Top of DATASET RECORDS
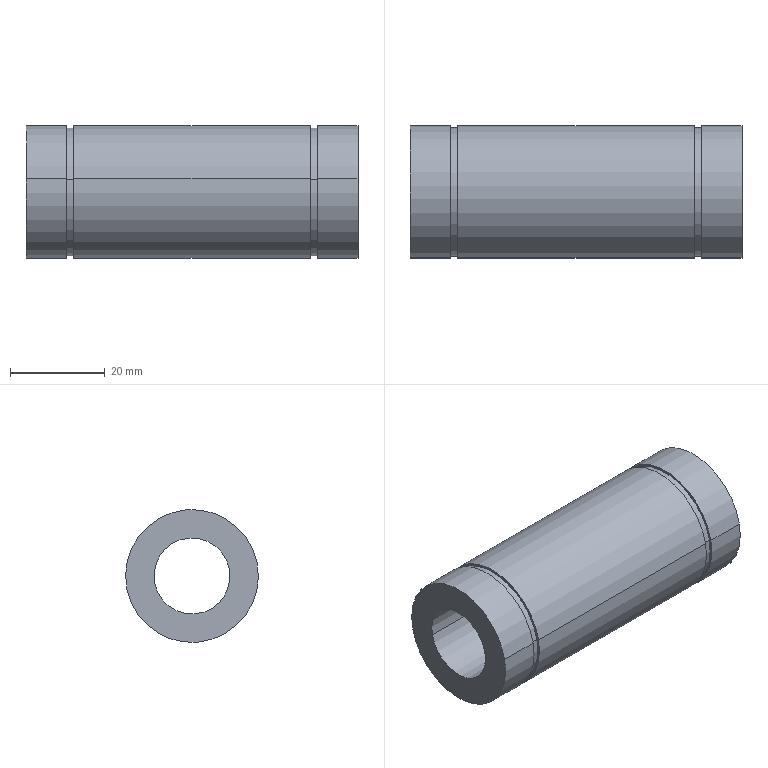Component | SolidWorks | DoubleFilmTransport-1_BearingLM16LUU-1 | 1 solid | 18 faces | box 70 x 28 x 28 mm | volume 28890 mm3 | cylinder 12 | plane 6 | commonest cylinder face diameters 28 x6 27 x4 16 x2
STEP:
#1=CARTESIAN_POINT('',(-7.398,6.758,0.6412));
#2=VERTEX_POINT('',#1);
#3=CARTESIAN_POINT('',(-7.398,7.838,0.4218));
#4=VERTEX_POINT('',#3);
#5=CARTESIAN_POINT('',(-7.398,7.298,0.5315));
#6=DIRECTION('',(-1.,0.,0.));
#7=DIRECTION('',(0.,-0.98,0.1991));
#8=AXIS2_PLACEMENT_3D('',#5,#6,#7);
#9=CIRCLE('',#8,0.5512);
#10=EDGE_CURVE('',#2,#4,#9,.T.);
#11=ORIENTED_EDGE('',*,*,#10,.T.);
#12=CARTESIAN_POINT('',(-9.359,7.838,0.4218));
#13=VERTEX_POINT('',#12);
#14=CARTESIAN_POINT('',(-9.757,7.838,0.4218));
#15=DIRECTION('',(-1.,0.,0.));
#16=VECTOR('',#15,39.37);
#17=LINE('',#14,#16);
#18=EDGE_CURVE('',#4,#13,#17,.T.);
#19=ORIENTED_EDGE('',*,*,#18,.T.);
#20=CARTESIAN_POINT('',(-9.359,6.758,0.6412));
#21=VERTEX_POINT('',#20);
#22=CARTESIAN_POINT('',(-9.359,7.298,0.5315));
#23=DIRECTION('',(1.,0.,0.));
#24=DIRECTION('',(0.,-0.98,0.1991));
#25=AXIS2_PLACEMENT_3D('',#22,#23,#24);
#26=CIRCLE('',#25,0.5512);
#27=EDGE_CURVE('',#13,#21,#26,.T.);
#28=ORIENTED_EDGE('',*,*,#27,.T.);
#29=CARTESIAN_POINT('',(-9.757,6.758,0.6412));
#30=DIRECTION('',(-1.,0.,0.));
#31=VECTOR('',#30,39.37);
#32=LINE('',#29,#31);
#33=EDGE_CURVE('',#2,#21,#32,.T.);
#34=ORIENTED_EDGE('',*,*,#33,.F.);
#35=EDGE_LOOP('',(#11,#19,#28,#34));
#36=FACE_OUTER_BOUND('',#35,.T.);
#37=CARTESIAN_POINT('',(-9.757,7.298,0.5315));
#38=DIRECTION('',(-1.,0.,0.));
#39=DIRECTION('',(0.,-0.98,0.1991));
#40=AXIS2_PLACEMENT_3D('',#37,#38,#39);
#41=CYLINDRICAL_SURFACE('',#40,0.5512);
#42=ADVANCED_FACE('',(#36),#41,.T.);
#43=CARTESIAN_POINT('',(-9.359,6.777,0.6373));
#44=VERTEX_POINT('',#43);
#45=CARTESIAN_POINT('',(-9.359,7.819,0.4257));
#46=VERTEX_POINT('',#45);
#47=CARTESIAN_POINT('',(-9.359,7.298,0.5315));
#48=DIRECTION('',(-1.,0.,0.));
#49=DIRECTION('',(0.,-0.98,0.1991));
#50=AXIS2_PLACEMENT_3D('',#47,#48,#49);
#51=CIRCLE('',#50,0.5315);
#52=EDGE_CURVE('',#44,#46,#51,.T.);
#53=ORIENTED_EDGE('',*,*,#52,.T.);
#54=CARTESIAN_POINT('',(-9.422,7.819,0.4257));
#55=VERTEX_POINT('',#54);
#56=CARTESIAN_POINT('',(-9.757,7.819,0.4257));
#57=DIRECTION('',(-1.,0.,0.));
#58=VECTOR('',#57,39.37);
#59=LINE('',#56,#58);
#60=EDGE_CURVE('',#46,#55,#59,.T.);
#61=ORIENTED_EDGE('',*,*,#60,.T.);
#62=CARTESIAN_POINT('',(-9.422,6.777,0.6373));
#63=VERTEX_POINT('',#62);
#64=CARTESIAN_POINT('',(-9.422,7.298,0.5315));
#65=DIRECTION('',(1.,0.,0.));
#66=DIRECTION('',(0.,-0.98,0.1991));
#67=AXIS2_PLACEMENT_3D('',#64,#65,#66);
#68=CIRCLE('',#67,0.5315);
#69=EDGE_CURVE('',#55,#63,#68,.T.);
#70=ORIENTED_EDGE('',*,*,#69,.T.);
#71=CARTESIAN_POINT('',(-9.757,6.777,0.6373));
#72=DIRECTION('',(-1.,0.,0.));
#73=VECTOR('',#72,39.37);
#74=LINE('',#71,#73);
#75=EDGE_CURVE('',#44,#63,#74,.T.);
#76=ORIENTED_EDGE('',*,*,#75,.F.);
#77=EDGE_LOOP('',(#53,#61,#70,#76));
#78=FACE_OUTER_BOUND('',#77,.T.);
#79=CARTESIAN_POINT('',(-9.757,7.298,0.5315));
#80=DIRECTION('',(-1.,0.,0.));
#81=DIRECTION('',(0.,-0.98,0.1991));
#82=AXIS2_PLACEMENT_3D('',#79,#80,#81);
#83=CYLINDRICAL_SURFACE('',#82,0.5315);
#84=ADVANCED_FACE('',(#78),#83,.T.);
#85=CARTESIAN_POINT('',(-7.335,6.777,0.6373));
#86=VERTEX_POINT('',#85);
#87=CARTESIAN_POINT('',(-7.335,7.819,0.4257));
#88=VERTEX_POINT('',#87);
#89=CARTESIAN_POINT('',(-7.335,7.298,0.5315));
#90=DIRECTION('',(-1.,0.,0.));
#91=DIRECTION('',(0.,-0.98,0.1991));
#92=AXIS2_PLACEMENT_3D('',#89,#90,#91);
#93=CIRCLE('',#92,0.5315);
#94=EDGE_CURVE('',#86,#88,#93,.T.);
#95=ORIENTED_EDGE('',*,*,#94,.T.);
#96=CARTESIAN_POINT('',(-7.398,7.819,0.4257));
#97=VERTEX_POINT('',#96);
#98=CARTESIAN_POINT('',(-9.757,7.819,0.4257));
#99=DIRECTION('',(-1.,0.,0.));
#100=VECTOR('',#99,39.37);
#101=LINE('',#98,#100);
#102=EDGE_CURVE('',#88,#97,#101,.T.);
#103=ORIENTED_EDGE('',*,*,#102,.T.);
#104=CARTESIAN_POINT('',(-7.398,6.777,0.6373));
#105=VERTEX_POINT('',#104);
#106=CARTESIAN_POINT('',(-7.398,7.298,0.5315));
#107=DIRECTION('',(1.,0.,0.));
#108=DIRECTION('',(0.,-0.98,0.1991));
#109=AXIS2_PLACEMENT_3D('',#106,#107,#108);
#110=CIRCLE('',#109,0.5315);
#111=EDGE_CURVE('',#97,#105,#110,.T.);
#112=ORIENTED_EDGE('',*,*,#111,.T.);
#113=CARTESIAN_POINT('',(-9.757,6.777,0.6373));
#114=DIRECTION('',(-1.,0.,0.));
#115=VECTOR('',#114,39.37);
#116=LINE('',#113,#115);
#117=EDGE_CURVE('',#86,#105,#116,.T.);
#118=ORIENTED_EDGE('',*,*,#117,.F.);
#119=EDGE_LOOP('',(#95,#103,#112,#118));
#120=FACE_OUTER_BOUND('',#119,.T.);
#121=CARTESIAN_POINT('',(-9.757,7.298,0.5315));
#122=DIRECTION('',(-1.,0.,0.));
#123=DIRECTION('',(0.,-0.98,0.1991));
#124=AXIS2_PLACEMENT_3D('',#121,#122,#123);
#125=CYLINDRICAL_SURFACE('',#124,0.5315);
#126=ADVANCED_FACE('',(#120),#125,.T.);
#127=CARTESIAN_POINT('',(-9.422,6.758,0.6412));
#128=VERTEX_POINT('',#127);
#129=CARTESIAN_POINT('',(-9.422,7.838,0.4218));
#130=VERTEX_POINT('',#129);
#131=CARTESIAN_POINT('',(-9.422,7.298,0.5315));
#132=DIRECTION('',(-1.,0.,0.));
#133=DIRECTION('',(0.,-0.98,0.1991));
#134=AXIS2_PLACEMENT_3D('',#131,#132,#133);
#135=CIRCLE('',#134,0.5512);
#136=EDGE_CURVE('',#128,#130,#135,.T.);
#137=ORIENTED_EDGE('',*,*,#136,.T.);
#138=CARTESIAN_POINT('',(-9.757,7.838,0.4218));
#139=VERTEX_POINT('',#138);
#140=CARTESIAN_POINT('',(-9.757,7.838,0.4218));
#141=DIRECTION('',(-1.,0.,0.));
#142=VECTOR('',#141,39.37);
#143=LINE('',#140,#142);
#144=EDGE_CURVE('',#130,#139,#143,.T.);
#145=ORIENTED_EDGE('',*,*,#144,.T.);
#146=CARTESIAN_POINT('',(-9.757,6.758,0.6412));
#147=VERTEX_POINT('',#146);
#148=CARTESIAN_POINT('',(-9.757,7.298,0.5315));
#149=DIRECTION('',(1.,0.,0.));
#150=DIRECTION('',(0.,-0.98,0.1991));
#151=AXIS2_PLACEMENT_3D('',#148,#149,#150);
#152=CIRCLE('',#151,0.5512);
#153=EDGE_CURVE('',#139,#147,#152,.T.);
#154=ORIENTED_EDGE('',*,*,#153,.T.);
#155=CARTESIAN_POINT('',(-9.757,6.758,0.6412));
#156=DIRECTION('',(-1.,0.,0.));
#157=VECTOR('',#156,39.37);
#158=LINE('',#155,#157);
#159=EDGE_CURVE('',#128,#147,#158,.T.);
Bottom of DATASET RECORDS
* EXERCISE *
Copy range, inclusive: the line holding "#10=EDGE_CURVE('',#2,#4,#9,.T.);" to the line holding "#30=DIRECTION('',(-1.,0.,0.));". Reproduce exactly those lines of the records above and no others.

* RESPONSE *
#10=EDGE_CURVE('',#2,#4,#9,.T.);
#11=ORIENTED_EDGE('',*,*,#10,.T.);
#12=CARTESIAN_POINT('',(-9.359,7.838,0.4218));
#13=VERTEX_POINT('',#12);
#14=CARTESIAN_POINT('',(-9.757,7.838,0.4218));
#15=DIRECTION('',(-1.,0.,0.));
#16=VECTOR('',#15,39.37);
#17=LINE('',#14,#16);
#18=EDGE_CURVE('',#4,#13,#17,.T.);
#19=ORIENTED_EDGE('',*,*,#18,.T.);
#20=CARTESIAN_POINT('',(-9.359,6.758,0.6412));
#21=VERTEX_POINT('',#20);
#22=CARTESIAN_POINT('',(-9.359,7.298,0.5315));
#23=DIRECTION('',(1.,0.,0.));
#24=DIRECTION('',(0.,-0.98,0.1991));
#25=AXIS2_PLACEMENT_3D('',#22,#23,#24);
#26=CIRCLE('',#25,0.5512);
#27=EDGE_CURVE('',#13,#21,#26,.T.);
#28=ORIENTED_EDGE('',*,*,#27,.T.);
#29=CARTESIAN_POINT('',(-9.757,6.758,0.6412));
#30=DIRECTION('',(-1.,0.,0.));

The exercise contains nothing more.